Dataset extract:
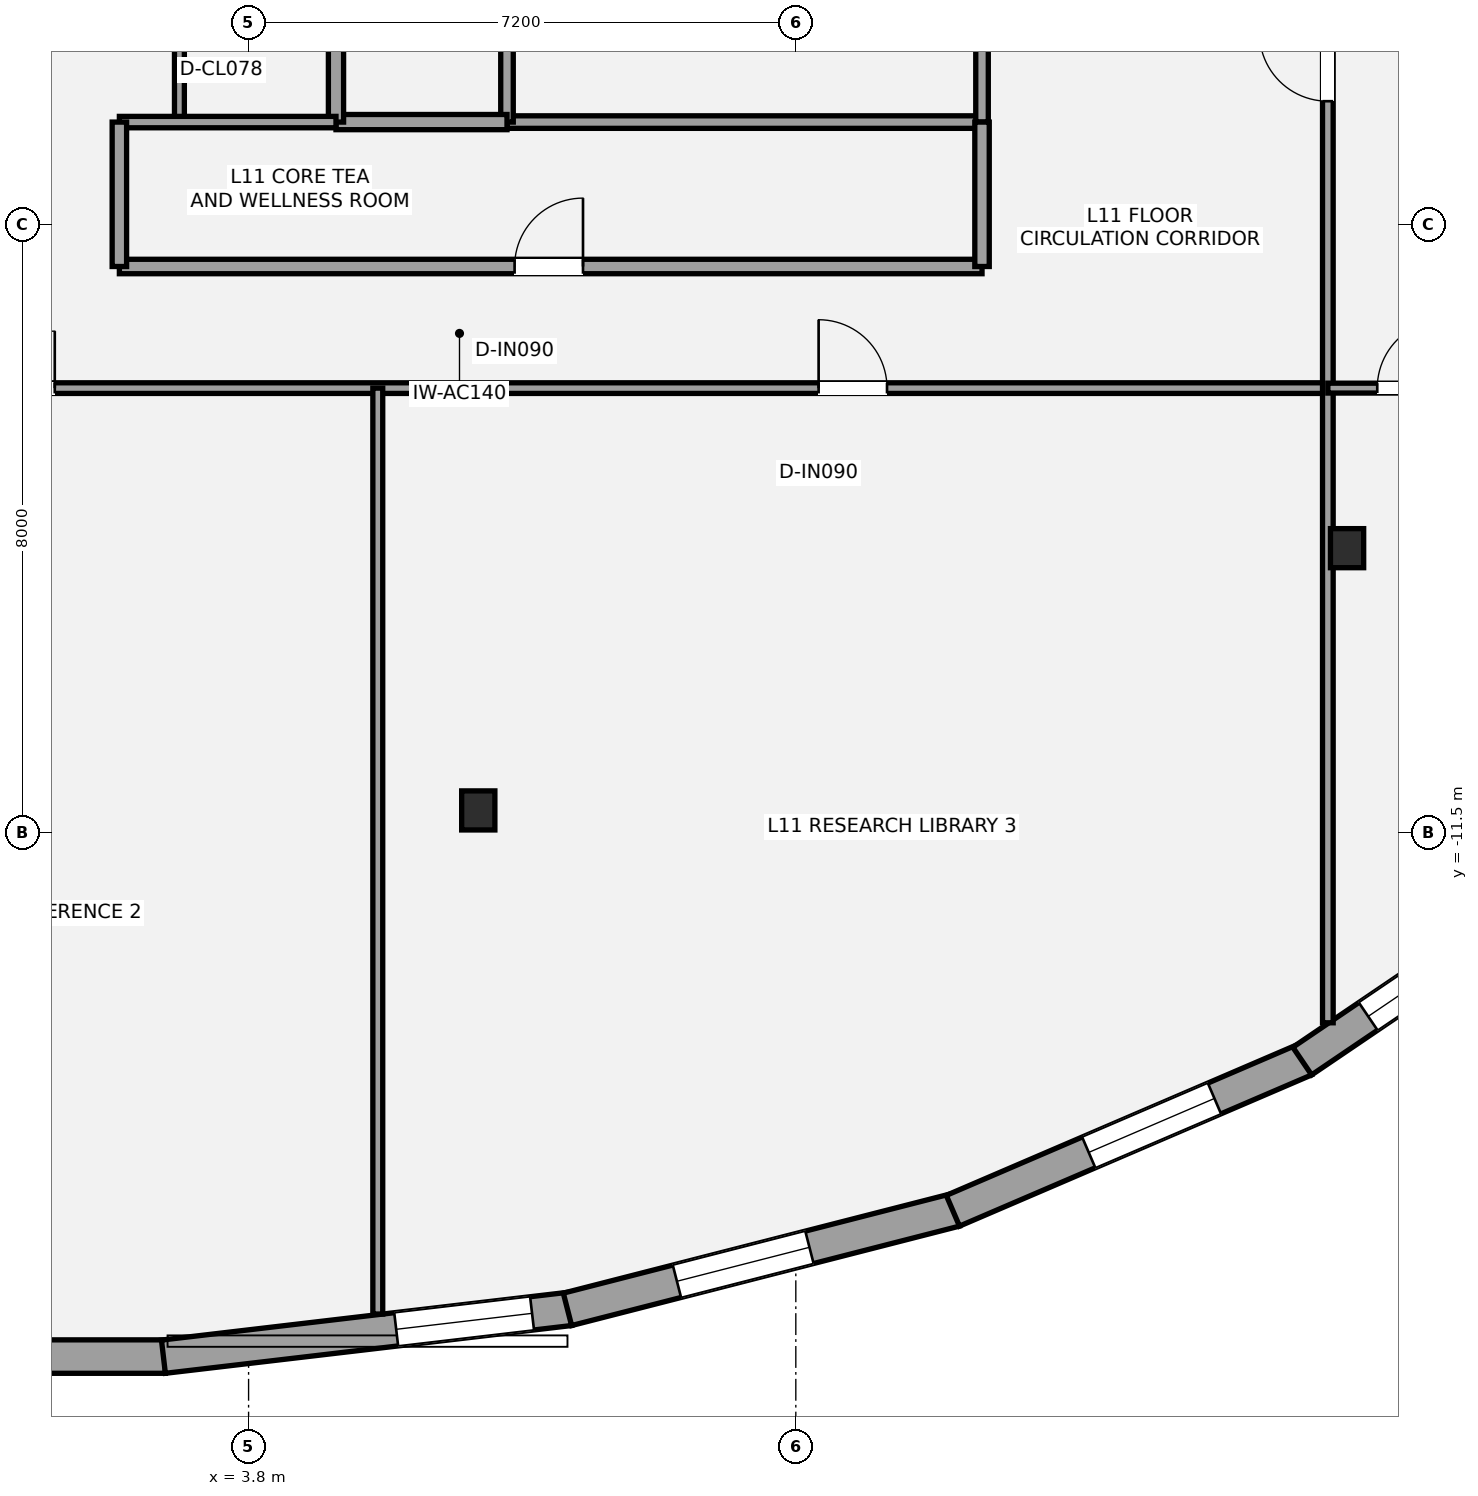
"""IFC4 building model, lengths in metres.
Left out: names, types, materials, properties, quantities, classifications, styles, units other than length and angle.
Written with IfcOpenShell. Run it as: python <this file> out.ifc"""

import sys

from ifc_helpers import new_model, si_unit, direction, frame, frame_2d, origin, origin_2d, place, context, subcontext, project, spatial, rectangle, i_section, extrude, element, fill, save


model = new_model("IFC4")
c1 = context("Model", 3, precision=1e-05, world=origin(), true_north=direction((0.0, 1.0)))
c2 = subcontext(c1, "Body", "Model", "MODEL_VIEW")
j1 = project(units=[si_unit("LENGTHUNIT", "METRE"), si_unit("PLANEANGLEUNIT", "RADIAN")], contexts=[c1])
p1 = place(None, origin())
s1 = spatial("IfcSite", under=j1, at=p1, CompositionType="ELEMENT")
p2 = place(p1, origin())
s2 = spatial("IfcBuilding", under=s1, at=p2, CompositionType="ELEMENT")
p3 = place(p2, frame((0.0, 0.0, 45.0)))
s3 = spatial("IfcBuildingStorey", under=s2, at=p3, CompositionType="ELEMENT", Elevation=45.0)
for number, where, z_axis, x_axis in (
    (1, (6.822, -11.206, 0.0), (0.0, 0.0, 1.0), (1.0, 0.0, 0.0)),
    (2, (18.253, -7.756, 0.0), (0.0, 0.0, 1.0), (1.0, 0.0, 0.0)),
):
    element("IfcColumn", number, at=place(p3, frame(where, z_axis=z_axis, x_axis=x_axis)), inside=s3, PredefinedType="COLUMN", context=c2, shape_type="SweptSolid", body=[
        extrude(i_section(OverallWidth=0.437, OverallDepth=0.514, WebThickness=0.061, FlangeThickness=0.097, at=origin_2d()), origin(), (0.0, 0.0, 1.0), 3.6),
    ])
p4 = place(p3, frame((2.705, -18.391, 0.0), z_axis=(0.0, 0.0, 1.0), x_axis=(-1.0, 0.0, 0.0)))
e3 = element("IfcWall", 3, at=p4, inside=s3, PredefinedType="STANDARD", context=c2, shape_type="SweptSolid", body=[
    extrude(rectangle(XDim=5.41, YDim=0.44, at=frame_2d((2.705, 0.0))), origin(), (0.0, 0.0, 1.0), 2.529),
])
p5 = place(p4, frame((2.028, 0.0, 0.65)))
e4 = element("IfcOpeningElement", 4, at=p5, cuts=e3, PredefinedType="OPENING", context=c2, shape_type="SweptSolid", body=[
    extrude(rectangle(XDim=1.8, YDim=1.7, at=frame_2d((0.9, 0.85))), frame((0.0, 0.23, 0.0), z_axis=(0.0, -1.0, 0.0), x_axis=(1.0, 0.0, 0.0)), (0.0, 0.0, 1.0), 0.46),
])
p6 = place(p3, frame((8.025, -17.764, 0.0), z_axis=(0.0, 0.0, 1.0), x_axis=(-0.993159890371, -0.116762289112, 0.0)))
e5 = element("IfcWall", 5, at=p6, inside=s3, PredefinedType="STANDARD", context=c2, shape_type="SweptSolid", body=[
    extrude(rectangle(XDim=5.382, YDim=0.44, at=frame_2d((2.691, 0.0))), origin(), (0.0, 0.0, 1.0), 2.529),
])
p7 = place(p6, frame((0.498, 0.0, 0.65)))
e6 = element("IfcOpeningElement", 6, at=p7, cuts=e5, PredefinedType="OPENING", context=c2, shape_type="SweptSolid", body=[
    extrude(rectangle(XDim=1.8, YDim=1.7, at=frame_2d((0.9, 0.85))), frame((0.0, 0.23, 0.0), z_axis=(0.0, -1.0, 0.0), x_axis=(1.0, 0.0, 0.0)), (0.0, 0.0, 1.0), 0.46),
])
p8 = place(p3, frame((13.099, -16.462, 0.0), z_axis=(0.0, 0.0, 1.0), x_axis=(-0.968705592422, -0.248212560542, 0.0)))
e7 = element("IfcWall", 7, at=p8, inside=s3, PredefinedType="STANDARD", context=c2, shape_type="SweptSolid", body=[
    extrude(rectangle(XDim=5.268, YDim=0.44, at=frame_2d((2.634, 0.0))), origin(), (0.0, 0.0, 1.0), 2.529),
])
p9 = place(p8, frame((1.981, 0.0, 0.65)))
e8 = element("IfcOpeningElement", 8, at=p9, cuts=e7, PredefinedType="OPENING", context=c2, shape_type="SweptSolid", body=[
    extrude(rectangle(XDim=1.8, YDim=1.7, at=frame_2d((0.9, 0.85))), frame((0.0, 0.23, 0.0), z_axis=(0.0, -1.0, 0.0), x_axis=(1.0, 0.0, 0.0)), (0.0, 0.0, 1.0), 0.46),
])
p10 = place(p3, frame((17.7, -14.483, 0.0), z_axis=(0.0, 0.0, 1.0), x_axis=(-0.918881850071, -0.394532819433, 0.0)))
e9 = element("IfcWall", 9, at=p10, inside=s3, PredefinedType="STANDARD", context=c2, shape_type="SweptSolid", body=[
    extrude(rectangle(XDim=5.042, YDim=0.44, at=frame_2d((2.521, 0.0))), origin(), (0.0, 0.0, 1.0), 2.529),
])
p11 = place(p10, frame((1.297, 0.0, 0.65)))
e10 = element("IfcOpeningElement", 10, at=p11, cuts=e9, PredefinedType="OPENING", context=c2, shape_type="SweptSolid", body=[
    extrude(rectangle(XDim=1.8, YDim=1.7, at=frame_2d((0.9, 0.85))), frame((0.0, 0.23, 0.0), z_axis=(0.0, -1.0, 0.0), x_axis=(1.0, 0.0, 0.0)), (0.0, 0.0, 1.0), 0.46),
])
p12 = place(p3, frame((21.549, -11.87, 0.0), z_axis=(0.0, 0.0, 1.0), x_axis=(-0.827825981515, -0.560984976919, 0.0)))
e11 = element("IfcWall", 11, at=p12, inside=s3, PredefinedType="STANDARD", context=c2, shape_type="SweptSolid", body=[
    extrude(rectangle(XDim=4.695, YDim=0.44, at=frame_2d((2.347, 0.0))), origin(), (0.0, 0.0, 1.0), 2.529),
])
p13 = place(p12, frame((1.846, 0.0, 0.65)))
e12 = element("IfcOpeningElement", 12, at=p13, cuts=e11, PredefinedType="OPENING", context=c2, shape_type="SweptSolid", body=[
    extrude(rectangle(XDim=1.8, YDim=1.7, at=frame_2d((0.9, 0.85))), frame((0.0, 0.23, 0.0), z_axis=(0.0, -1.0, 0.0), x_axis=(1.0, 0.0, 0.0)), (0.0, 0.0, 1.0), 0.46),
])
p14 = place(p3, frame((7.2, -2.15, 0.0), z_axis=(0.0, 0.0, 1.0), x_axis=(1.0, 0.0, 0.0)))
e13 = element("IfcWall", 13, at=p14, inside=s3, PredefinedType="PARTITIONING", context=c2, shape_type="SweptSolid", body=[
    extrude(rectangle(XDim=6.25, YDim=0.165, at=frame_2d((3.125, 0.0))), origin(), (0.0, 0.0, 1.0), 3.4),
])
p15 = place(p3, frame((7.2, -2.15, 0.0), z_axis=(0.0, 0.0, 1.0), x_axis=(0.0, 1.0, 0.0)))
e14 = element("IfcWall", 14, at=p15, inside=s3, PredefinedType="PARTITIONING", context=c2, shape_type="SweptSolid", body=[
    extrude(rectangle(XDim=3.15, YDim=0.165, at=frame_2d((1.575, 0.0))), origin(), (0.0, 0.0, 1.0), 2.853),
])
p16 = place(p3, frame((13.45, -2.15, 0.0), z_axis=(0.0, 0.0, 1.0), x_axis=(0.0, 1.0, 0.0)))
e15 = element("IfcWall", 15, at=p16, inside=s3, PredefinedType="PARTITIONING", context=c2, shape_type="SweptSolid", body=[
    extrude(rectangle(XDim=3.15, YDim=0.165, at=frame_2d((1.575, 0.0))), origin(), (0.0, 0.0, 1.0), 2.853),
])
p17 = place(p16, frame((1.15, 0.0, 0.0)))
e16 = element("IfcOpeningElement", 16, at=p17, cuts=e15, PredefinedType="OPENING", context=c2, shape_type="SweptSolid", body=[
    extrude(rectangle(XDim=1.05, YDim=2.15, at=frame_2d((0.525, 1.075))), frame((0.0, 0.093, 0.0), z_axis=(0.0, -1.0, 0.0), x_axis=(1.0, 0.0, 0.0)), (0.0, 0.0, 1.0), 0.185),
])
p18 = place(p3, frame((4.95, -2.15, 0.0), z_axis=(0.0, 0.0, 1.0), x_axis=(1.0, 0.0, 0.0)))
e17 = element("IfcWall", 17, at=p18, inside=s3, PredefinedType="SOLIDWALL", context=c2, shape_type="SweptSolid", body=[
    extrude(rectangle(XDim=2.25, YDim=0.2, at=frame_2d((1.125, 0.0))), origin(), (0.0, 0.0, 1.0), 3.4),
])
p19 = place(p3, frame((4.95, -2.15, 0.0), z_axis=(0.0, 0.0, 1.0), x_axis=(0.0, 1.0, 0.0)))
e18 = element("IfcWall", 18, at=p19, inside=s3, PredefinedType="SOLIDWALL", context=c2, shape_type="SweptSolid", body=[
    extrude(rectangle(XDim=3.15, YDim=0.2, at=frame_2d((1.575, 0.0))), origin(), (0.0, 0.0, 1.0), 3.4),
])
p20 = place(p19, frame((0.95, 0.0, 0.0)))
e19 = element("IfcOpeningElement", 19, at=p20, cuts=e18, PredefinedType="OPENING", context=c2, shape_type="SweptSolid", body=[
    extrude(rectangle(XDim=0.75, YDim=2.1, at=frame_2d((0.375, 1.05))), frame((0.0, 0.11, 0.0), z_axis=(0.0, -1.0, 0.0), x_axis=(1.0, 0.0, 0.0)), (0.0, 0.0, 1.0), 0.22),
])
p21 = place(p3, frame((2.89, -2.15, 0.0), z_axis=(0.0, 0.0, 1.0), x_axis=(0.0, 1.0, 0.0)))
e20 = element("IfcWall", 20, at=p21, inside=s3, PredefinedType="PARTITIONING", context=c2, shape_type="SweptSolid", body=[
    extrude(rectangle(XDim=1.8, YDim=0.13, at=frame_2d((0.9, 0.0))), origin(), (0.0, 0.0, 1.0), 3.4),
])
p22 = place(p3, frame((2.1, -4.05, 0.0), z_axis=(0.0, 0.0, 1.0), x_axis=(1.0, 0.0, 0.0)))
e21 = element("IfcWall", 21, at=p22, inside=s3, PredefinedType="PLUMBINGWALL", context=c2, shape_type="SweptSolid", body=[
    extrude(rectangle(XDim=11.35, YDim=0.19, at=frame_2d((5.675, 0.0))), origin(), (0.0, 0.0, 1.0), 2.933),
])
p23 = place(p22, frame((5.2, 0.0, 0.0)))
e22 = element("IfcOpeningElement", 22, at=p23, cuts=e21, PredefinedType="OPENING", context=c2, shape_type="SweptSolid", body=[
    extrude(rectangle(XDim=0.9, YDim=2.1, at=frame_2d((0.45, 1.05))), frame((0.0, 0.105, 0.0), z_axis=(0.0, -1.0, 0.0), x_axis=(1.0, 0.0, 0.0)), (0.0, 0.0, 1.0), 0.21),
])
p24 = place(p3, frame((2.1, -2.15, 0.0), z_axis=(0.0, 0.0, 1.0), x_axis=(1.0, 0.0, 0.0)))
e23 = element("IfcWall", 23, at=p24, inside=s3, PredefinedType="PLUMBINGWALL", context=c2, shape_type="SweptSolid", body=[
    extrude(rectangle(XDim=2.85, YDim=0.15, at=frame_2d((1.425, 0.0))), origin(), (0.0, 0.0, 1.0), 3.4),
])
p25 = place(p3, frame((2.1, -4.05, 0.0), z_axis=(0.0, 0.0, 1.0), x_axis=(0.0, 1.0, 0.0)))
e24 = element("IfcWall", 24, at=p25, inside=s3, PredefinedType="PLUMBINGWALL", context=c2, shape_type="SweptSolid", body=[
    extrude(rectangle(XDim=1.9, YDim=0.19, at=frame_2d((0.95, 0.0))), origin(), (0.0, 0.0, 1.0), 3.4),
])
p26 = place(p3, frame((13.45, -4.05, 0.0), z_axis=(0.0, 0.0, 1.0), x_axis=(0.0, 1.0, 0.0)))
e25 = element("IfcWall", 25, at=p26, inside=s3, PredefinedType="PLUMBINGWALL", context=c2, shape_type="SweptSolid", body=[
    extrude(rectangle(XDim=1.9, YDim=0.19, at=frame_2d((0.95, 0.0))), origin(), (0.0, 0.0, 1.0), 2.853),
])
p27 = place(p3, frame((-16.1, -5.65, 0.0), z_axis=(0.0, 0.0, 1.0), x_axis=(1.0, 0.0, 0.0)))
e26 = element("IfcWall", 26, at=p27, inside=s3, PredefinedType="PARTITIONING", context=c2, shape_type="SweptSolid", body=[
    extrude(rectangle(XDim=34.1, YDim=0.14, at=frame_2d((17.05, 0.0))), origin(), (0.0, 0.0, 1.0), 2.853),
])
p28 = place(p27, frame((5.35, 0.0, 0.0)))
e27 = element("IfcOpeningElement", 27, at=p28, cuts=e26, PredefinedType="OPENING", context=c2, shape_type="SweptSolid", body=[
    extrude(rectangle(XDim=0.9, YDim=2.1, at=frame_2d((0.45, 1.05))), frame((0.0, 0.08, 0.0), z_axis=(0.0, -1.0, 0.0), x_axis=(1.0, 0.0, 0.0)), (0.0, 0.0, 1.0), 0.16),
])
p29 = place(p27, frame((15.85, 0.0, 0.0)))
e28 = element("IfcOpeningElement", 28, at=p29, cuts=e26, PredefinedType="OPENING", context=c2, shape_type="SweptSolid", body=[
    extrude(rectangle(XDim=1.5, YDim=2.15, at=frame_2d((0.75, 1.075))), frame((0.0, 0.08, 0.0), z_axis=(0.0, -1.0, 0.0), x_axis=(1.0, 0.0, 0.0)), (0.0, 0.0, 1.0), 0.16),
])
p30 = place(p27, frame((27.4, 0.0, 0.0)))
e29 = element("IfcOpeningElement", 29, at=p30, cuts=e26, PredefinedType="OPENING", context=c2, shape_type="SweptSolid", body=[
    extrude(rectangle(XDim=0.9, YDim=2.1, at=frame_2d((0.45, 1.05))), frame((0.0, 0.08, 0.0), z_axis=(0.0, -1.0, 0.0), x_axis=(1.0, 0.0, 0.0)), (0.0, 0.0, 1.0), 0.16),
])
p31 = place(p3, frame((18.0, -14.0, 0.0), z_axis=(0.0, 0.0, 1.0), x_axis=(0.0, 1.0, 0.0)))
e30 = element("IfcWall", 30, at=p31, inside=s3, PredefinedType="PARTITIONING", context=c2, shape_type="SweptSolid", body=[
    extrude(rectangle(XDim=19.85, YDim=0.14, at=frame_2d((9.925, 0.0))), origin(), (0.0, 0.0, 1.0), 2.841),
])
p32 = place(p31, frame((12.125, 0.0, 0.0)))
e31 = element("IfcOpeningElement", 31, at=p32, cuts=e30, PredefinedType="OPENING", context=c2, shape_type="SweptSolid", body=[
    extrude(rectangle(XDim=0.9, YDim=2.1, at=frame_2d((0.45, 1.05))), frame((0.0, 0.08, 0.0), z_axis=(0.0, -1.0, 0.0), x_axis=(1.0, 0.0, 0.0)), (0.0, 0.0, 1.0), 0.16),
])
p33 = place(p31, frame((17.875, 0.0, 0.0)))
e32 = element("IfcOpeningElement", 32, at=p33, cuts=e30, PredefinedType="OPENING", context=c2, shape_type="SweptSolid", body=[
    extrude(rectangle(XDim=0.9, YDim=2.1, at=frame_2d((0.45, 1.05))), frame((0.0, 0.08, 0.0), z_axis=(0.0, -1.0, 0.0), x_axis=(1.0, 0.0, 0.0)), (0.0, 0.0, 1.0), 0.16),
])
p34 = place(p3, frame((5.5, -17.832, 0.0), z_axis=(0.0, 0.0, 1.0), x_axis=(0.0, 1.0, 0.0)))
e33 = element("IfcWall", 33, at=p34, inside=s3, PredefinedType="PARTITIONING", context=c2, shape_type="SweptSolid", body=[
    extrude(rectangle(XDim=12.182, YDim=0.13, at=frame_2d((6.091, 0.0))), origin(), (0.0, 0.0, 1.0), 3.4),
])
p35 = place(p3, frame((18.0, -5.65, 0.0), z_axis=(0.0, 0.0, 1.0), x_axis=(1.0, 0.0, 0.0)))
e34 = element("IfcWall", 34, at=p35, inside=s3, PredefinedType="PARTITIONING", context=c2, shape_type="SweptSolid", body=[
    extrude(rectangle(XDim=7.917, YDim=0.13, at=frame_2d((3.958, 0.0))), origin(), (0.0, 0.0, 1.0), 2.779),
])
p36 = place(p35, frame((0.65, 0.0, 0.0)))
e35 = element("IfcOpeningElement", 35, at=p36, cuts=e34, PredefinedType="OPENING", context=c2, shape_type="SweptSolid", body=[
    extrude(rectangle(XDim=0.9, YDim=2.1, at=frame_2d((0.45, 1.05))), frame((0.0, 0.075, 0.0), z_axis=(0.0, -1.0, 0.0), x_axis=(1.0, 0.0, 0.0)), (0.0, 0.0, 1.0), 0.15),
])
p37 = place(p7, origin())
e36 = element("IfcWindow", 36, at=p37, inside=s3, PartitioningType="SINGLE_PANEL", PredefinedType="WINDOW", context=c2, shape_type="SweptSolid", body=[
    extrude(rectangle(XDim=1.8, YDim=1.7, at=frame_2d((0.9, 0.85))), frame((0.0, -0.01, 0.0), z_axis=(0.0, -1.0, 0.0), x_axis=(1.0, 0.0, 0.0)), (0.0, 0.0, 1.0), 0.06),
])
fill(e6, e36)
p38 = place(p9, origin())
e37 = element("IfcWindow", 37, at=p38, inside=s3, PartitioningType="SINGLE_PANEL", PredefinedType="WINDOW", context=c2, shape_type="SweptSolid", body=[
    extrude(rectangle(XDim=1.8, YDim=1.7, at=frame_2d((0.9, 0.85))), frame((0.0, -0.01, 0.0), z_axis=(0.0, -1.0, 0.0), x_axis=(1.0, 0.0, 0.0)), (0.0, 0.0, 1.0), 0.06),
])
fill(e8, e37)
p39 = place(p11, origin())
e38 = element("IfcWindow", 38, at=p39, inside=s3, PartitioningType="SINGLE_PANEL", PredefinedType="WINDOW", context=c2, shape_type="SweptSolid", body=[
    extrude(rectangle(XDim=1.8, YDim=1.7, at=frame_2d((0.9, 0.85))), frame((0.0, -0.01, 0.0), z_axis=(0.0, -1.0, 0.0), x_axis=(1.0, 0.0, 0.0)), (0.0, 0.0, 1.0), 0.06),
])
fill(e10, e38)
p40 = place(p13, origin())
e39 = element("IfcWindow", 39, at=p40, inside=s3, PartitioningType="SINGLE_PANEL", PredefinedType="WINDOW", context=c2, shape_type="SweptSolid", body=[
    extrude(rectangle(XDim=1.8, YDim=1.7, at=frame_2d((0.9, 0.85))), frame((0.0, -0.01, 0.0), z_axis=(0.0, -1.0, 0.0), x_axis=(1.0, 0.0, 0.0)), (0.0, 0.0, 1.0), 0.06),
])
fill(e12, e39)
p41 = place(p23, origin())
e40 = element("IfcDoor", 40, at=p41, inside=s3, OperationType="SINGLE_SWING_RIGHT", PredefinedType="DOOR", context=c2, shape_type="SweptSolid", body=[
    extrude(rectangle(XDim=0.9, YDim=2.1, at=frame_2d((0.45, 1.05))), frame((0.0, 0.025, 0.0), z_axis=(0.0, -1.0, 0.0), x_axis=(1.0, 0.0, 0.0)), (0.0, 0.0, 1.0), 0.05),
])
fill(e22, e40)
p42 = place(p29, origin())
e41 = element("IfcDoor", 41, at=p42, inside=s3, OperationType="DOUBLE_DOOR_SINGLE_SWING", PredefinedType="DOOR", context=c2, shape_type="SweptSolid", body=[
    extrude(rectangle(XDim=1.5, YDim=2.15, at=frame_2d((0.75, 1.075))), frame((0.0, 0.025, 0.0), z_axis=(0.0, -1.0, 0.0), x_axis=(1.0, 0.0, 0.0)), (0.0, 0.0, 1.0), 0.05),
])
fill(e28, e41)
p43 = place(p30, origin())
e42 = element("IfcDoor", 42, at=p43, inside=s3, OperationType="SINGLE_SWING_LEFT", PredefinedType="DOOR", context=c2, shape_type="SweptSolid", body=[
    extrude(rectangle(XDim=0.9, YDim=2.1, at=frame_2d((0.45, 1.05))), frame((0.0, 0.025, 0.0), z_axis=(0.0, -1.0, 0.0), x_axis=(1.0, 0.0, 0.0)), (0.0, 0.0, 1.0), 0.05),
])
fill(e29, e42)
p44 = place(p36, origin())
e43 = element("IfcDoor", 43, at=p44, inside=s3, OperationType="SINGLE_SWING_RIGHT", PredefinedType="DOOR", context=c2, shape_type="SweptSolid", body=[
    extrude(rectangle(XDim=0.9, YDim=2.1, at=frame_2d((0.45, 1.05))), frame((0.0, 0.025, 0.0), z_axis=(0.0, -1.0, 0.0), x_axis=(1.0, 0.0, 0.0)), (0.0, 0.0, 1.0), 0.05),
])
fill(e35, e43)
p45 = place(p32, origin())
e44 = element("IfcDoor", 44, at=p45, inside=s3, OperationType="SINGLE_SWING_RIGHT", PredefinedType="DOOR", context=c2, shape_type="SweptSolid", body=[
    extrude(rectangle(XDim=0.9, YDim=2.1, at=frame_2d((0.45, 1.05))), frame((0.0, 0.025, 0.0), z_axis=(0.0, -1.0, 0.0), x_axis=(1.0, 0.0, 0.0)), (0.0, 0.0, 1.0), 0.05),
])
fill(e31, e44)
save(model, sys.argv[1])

What to produce:
Answer with one number: how many lines in the listing hold "OperationType".

Response:
5